[Source data]
━━━━━━━━

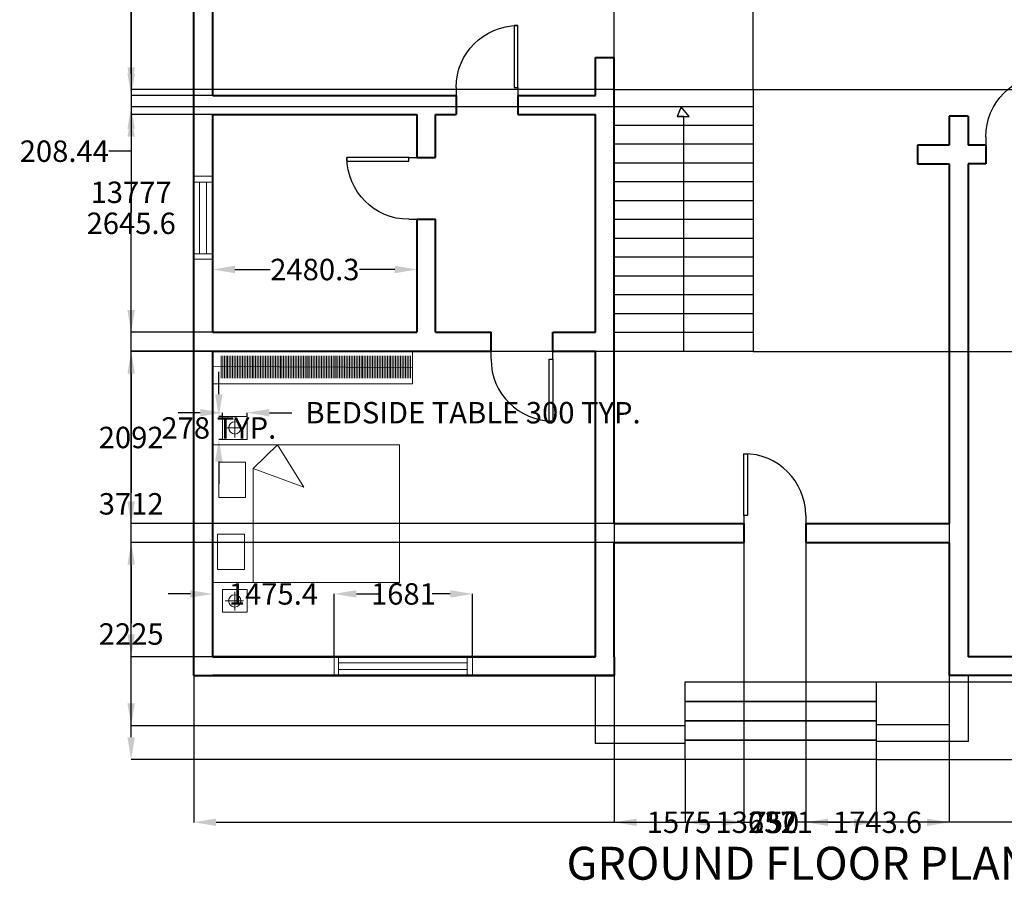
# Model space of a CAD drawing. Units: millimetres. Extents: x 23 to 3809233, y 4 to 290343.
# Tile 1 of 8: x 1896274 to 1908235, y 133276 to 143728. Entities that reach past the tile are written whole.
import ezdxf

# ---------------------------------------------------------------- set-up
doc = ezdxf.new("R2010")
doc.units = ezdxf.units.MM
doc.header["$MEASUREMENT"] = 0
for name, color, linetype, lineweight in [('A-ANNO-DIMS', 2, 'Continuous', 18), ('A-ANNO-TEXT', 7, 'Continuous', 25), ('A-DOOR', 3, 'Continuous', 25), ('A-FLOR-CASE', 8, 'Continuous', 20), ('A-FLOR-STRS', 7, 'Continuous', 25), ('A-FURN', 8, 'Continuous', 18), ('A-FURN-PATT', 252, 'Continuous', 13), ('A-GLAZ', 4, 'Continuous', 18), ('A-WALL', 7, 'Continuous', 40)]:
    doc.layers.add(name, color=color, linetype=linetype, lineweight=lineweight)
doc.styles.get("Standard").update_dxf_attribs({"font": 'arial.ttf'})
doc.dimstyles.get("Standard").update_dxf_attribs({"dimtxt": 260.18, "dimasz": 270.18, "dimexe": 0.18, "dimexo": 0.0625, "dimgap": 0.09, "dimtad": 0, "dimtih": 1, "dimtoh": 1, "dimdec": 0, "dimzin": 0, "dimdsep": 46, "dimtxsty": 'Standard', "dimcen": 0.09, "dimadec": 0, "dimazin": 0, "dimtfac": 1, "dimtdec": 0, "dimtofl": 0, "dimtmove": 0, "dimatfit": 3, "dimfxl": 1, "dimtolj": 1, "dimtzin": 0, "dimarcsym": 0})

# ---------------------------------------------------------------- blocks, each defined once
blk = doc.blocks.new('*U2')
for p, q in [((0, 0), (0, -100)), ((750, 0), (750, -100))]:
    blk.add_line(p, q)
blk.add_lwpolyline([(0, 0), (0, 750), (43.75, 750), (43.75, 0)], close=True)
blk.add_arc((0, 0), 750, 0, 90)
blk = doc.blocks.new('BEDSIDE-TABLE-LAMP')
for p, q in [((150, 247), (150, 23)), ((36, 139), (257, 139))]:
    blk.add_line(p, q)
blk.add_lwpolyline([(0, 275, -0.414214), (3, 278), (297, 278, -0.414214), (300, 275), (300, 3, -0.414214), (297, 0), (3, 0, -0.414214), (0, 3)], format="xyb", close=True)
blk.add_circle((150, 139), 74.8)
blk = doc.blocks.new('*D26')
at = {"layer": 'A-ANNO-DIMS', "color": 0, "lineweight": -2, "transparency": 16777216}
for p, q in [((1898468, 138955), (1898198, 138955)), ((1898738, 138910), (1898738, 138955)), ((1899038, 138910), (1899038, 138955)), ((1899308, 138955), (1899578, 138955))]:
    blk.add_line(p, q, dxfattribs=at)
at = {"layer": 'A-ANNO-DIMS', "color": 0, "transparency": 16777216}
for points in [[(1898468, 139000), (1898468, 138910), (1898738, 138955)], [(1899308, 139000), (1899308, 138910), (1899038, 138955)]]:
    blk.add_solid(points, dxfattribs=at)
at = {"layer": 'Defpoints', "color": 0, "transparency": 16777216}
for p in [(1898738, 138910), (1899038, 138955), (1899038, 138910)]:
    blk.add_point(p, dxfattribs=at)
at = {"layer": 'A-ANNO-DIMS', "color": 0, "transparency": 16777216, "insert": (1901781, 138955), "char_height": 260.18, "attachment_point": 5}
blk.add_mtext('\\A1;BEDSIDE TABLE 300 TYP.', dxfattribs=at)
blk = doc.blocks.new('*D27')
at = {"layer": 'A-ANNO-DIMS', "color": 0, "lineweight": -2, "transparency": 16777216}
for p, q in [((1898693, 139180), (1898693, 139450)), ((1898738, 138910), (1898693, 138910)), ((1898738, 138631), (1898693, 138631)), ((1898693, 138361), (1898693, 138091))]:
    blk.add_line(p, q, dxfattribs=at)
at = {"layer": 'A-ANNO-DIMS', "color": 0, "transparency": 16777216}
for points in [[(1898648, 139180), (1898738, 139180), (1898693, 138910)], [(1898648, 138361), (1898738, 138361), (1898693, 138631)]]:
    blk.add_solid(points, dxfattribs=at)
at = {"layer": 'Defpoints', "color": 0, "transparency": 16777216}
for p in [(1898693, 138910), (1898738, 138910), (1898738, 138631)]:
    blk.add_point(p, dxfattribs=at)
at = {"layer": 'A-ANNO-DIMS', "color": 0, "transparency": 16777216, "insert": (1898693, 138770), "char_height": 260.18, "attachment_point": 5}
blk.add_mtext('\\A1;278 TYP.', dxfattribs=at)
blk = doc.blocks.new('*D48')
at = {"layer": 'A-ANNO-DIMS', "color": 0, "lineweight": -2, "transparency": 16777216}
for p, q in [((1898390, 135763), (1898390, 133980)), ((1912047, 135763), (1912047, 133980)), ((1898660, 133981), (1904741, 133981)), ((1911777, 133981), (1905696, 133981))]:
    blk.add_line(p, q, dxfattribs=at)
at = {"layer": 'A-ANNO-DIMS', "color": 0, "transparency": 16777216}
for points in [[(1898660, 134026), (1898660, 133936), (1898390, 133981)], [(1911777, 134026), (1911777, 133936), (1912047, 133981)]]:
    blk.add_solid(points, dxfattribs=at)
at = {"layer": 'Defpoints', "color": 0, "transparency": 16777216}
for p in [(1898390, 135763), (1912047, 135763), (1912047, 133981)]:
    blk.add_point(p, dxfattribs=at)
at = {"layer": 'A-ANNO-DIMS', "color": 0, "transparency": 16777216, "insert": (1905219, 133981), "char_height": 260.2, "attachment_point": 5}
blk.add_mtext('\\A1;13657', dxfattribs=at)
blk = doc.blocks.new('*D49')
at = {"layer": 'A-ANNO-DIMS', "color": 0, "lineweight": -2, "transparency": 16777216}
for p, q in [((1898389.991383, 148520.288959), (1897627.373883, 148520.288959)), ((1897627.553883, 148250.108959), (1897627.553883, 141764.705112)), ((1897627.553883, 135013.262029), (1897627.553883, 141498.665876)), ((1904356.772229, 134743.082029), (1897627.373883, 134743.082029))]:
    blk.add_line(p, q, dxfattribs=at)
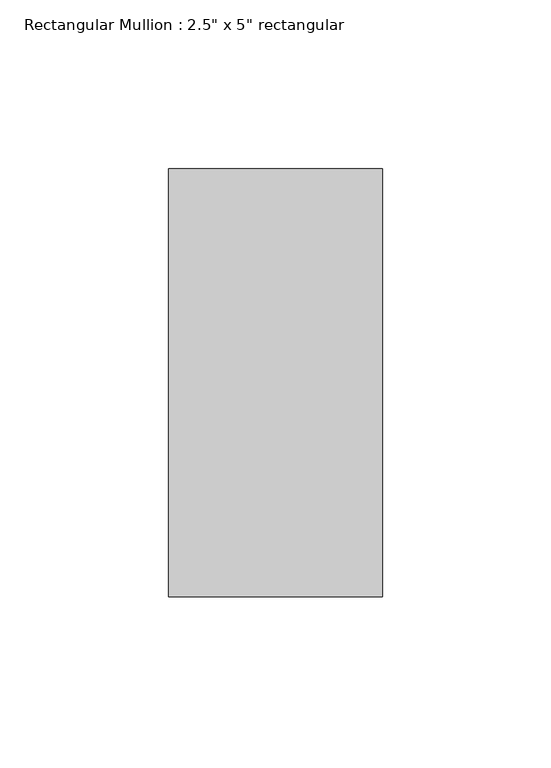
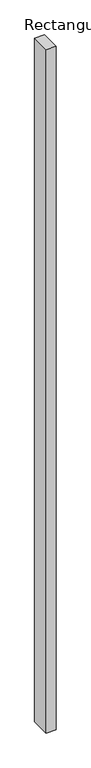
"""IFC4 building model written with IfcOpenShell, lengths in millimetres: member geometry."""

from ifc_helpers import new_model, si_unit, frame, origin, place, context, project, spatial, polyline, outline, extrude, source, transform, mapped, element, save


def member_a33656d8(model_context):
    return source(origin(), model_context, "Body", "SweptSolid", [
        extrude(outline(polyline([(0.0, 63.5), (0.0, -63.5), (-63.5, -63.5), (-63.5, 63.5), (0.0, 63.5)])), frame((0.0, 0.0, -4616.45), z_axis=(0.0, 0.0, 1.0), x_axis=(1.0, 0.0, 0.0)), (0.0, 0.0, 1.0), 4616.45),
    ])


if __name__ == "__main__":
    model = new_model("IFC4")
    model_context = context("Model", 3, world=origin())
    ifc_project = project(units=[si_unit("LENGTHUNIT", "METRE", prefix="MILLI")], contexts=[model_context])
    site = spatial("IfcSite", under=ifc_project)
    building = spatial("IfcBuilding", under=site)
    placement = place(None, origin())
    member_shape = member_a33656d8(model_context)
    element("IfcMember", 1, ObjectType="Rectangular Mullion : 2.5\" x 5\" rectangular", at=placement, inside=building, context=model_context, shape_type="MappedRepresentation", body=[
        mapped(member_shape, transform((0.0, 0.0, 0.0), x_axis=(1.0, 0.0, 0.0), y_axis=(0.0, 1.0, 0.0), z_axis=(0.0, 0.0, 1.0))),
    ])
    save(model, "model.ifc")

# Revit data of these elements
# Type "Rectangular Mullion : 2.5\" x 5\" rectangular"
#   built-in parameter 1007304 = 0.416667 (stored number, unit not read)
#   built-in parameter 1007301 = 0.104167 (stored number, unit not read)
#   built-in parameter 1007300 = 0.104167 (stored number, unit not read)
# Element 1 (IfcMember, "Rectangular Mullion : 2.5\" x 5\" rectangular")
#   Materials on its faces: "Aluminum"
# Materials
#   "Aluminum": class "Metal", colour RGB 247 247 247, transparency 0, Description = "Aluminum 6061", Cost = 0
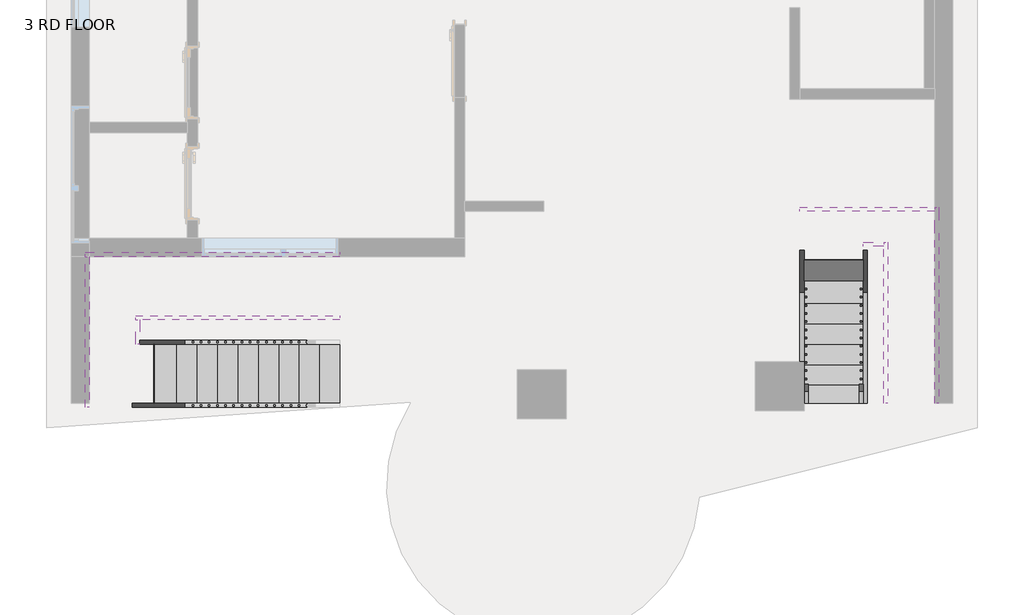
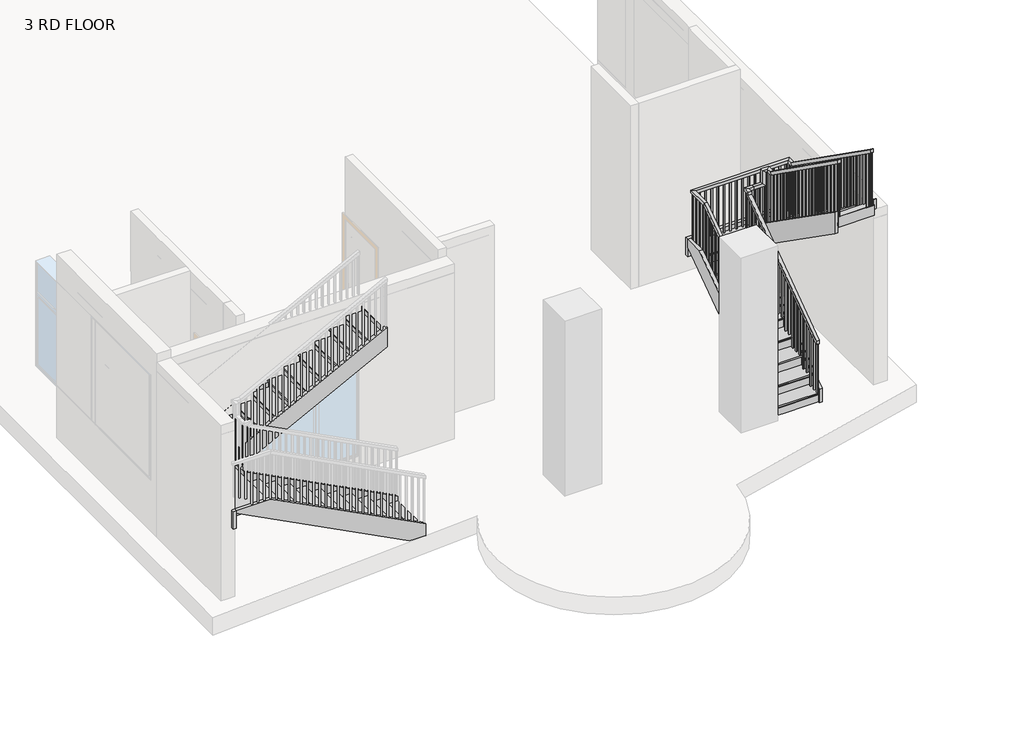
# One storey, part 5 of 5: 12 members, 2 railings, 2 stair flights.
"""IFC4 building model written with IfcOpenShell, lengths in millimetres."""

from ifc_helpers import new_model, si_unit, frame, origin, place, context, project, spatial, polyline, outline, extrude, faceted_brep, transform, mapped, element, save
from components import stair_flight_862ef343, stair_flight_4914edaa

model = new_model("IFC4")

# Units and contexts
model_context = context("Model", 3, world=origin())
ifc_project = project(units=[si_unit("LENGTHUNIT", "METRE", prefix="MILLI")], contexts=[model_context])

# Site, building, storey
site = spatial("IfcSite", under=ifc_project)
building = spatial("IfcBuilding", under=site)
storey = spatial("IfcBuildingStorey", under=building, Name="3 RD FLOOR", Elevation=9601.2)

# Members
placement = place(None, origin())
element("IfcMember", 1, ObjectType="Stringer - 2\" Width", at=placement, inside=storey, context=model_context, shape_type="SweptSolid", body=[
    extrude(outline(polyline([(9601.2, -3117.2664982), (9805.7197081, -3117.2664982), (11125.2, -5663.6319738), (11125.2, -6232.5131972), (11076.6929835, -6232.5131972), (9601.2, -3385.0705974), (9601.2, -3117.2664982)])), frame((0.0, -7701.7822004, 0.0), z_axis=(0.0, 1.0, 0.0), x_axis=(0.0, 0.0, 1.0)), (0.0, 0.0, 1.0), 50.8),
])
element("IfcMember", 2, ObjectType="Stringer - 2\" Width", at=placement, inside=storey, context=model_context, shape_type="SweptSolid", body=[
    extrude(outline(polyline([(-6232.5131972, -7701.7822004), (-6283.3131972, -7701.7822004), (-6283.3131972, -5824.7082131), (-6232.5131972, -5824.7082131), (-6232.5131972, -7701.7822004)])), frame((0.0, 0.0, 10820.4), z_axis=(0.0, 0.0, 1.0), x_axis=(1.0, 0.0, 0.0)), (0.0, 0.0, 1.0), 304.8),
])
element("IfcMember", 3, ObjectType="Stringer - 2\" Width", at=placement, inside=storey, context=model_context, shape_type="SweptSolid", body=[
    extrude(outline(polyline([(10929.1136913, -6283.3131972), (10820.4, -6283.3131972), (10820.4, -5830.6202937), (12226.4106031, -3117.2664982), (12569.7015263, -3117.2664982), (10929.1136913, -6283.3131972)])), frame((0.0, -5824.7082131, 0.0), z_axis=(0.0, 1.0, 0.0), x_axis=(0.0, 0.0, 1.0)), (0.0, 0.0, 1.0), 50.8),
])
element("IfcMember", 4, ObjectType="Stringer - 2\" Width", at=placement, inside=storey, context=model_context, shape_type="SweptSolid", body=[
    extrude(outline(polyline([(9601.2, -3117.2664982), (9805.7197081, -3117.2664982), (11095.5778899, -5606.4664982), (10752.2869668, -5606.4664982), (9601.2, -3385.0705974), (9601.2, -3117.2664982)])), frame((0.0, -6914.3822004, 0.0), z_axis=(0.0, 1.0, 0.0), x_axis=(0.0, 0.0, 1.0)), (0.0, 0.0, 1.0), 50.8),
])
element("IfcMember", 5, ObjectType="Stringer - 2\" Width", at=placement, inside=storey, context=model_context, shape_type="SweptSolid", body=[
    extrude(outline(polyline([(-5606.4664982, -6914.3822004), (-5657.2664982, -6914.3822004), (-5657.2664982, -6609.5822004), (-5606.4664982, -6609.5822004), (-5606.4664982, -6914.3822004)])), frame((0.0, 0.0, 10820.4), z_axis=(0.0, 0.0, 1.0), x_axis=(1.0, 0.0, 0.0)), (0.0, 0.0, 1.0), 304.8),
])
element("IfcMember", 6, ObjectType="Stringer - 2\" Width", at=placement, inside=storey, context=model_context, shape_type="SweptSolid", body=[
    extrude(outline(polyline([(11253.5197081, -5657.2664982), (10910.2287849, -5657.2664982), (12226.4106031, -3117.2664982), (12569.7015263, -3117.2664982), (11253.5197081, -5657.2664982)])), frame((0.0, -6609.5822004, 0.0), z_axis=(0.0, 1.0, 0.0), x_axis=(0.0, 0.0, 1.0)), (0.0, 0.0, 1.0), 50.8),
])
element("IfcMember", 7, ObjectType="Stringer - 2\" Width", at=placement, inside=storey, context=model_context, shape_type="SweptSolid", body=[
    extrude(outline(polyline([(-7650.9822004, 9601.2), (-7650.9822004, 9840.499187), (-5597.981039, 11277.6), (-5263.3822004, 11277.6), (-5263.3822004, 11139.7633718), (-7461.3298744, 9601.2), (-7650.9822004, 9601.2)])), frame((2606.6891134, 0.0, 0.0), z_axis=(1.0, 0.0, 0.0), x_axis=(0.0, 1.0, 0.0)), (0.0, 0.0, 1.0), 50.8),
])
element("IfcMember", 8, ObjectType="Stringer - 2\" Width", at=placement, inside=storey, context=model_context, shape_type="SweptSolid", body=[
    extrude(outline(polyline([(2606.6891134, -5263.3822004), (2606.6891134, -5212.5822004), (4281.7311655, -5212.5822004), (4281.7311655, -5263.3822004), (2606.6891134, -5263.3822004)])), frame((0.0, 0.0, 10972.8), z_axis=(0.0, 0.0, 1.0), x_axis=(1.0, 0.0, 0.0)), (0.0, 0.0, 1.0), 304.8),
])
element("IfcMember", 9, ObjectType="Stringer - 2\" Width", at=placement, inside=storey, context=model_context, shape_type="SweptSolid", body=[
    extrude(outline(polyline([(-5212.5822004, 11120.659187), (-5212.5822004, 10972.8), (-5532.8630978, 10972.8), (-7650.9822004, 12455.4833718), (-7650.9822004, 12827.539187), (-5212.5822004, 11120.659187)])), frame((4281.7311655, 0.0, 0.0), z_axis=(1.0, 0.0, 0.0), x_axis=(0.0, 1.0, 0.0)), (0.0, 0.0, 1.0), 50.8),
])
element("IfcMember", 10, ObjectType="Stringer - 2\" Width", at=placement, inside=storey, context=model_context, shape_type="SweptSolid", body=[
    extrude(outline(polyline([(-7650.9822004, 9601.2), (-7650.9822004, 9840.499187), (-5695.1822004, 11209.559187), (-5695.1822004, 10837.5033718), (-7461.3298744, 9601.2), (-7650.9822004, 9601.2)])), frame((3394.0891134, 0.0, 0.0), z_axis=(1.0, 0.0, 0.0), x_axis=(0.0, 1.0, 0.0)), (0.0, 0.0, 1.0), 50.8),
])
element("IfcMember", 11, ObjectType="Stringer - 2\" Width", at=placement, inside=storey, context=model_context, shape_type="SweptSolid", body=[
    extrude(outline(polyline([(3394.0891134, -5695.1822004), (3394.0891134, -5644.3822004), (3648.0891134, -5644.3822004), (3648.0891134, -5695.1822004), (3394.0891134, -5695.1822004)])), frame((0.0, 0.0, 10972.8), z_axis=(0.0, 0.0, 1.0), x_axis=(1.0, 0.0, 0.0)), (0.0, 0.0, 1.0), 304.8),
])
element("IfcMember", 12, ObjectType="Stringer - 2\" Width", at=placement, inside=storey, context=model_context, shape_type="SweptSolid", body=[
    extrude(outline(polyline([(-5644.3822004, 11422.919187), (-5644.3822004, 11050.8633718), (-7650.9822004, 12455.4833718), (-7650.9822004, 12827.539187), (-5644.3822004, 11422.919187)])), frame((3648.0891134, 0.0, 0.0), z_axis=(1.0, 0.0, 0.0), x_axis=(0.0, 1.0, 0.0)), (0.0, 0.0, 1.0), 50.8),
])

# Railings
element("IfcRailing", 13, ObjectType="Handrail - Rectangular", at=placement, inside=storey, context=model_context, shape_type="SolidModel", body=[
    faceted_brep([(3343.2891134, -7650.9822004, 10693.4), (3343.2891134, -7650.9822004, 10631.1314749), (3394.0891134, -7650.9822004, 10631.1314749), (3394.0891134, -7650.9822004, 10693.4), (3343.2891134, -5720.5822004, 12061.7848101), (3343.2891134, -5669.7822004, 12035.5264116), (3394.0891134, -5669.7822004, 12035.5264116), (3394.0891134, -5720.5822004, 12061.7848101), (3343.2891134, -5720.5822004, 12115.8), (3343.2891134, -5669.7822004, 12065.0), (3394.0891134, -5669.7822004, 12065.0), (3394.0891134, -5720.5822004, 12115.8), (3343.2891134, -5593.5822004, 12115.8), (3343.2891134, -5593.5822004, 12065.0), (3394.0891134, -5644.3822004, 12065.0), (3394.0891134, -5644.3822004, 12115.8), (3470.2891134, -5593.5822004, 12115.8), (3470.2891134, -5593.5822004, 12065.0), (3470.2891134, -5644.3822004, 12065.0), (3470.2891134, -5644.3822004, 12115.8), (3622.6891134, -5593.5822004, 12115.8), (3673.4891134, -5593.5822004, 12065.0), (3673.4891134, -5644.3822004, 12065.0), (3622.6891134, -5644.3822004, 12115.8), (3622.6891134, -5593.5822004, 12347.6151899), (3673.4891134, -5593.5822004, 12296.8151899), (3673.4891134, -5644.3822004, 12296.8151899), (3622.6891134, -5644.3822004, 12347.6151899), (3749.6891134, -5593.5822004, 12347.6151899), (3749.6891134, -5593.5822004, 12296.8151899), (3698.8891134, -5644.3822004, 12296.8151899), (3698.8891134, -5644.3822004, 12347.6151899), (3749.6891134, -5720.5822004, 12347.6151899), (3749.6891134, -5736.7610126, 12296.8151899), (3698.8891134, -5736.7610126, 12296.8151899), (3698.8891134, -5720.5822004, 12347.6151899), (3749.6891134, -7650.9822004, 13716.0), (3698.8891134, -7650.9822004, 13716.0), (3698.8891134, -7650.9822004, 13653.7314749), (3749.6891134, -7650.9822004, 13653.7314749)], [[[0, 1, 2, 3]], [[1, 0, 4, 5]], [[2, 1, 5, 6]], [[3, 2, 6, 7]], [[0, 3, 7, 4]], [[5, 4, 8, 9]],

━━━━━━━━

## Aim of the exercise
Tally the lines of the entries above that hold the word "lengths"; the number is the whole answer.

## Output of the exercise
2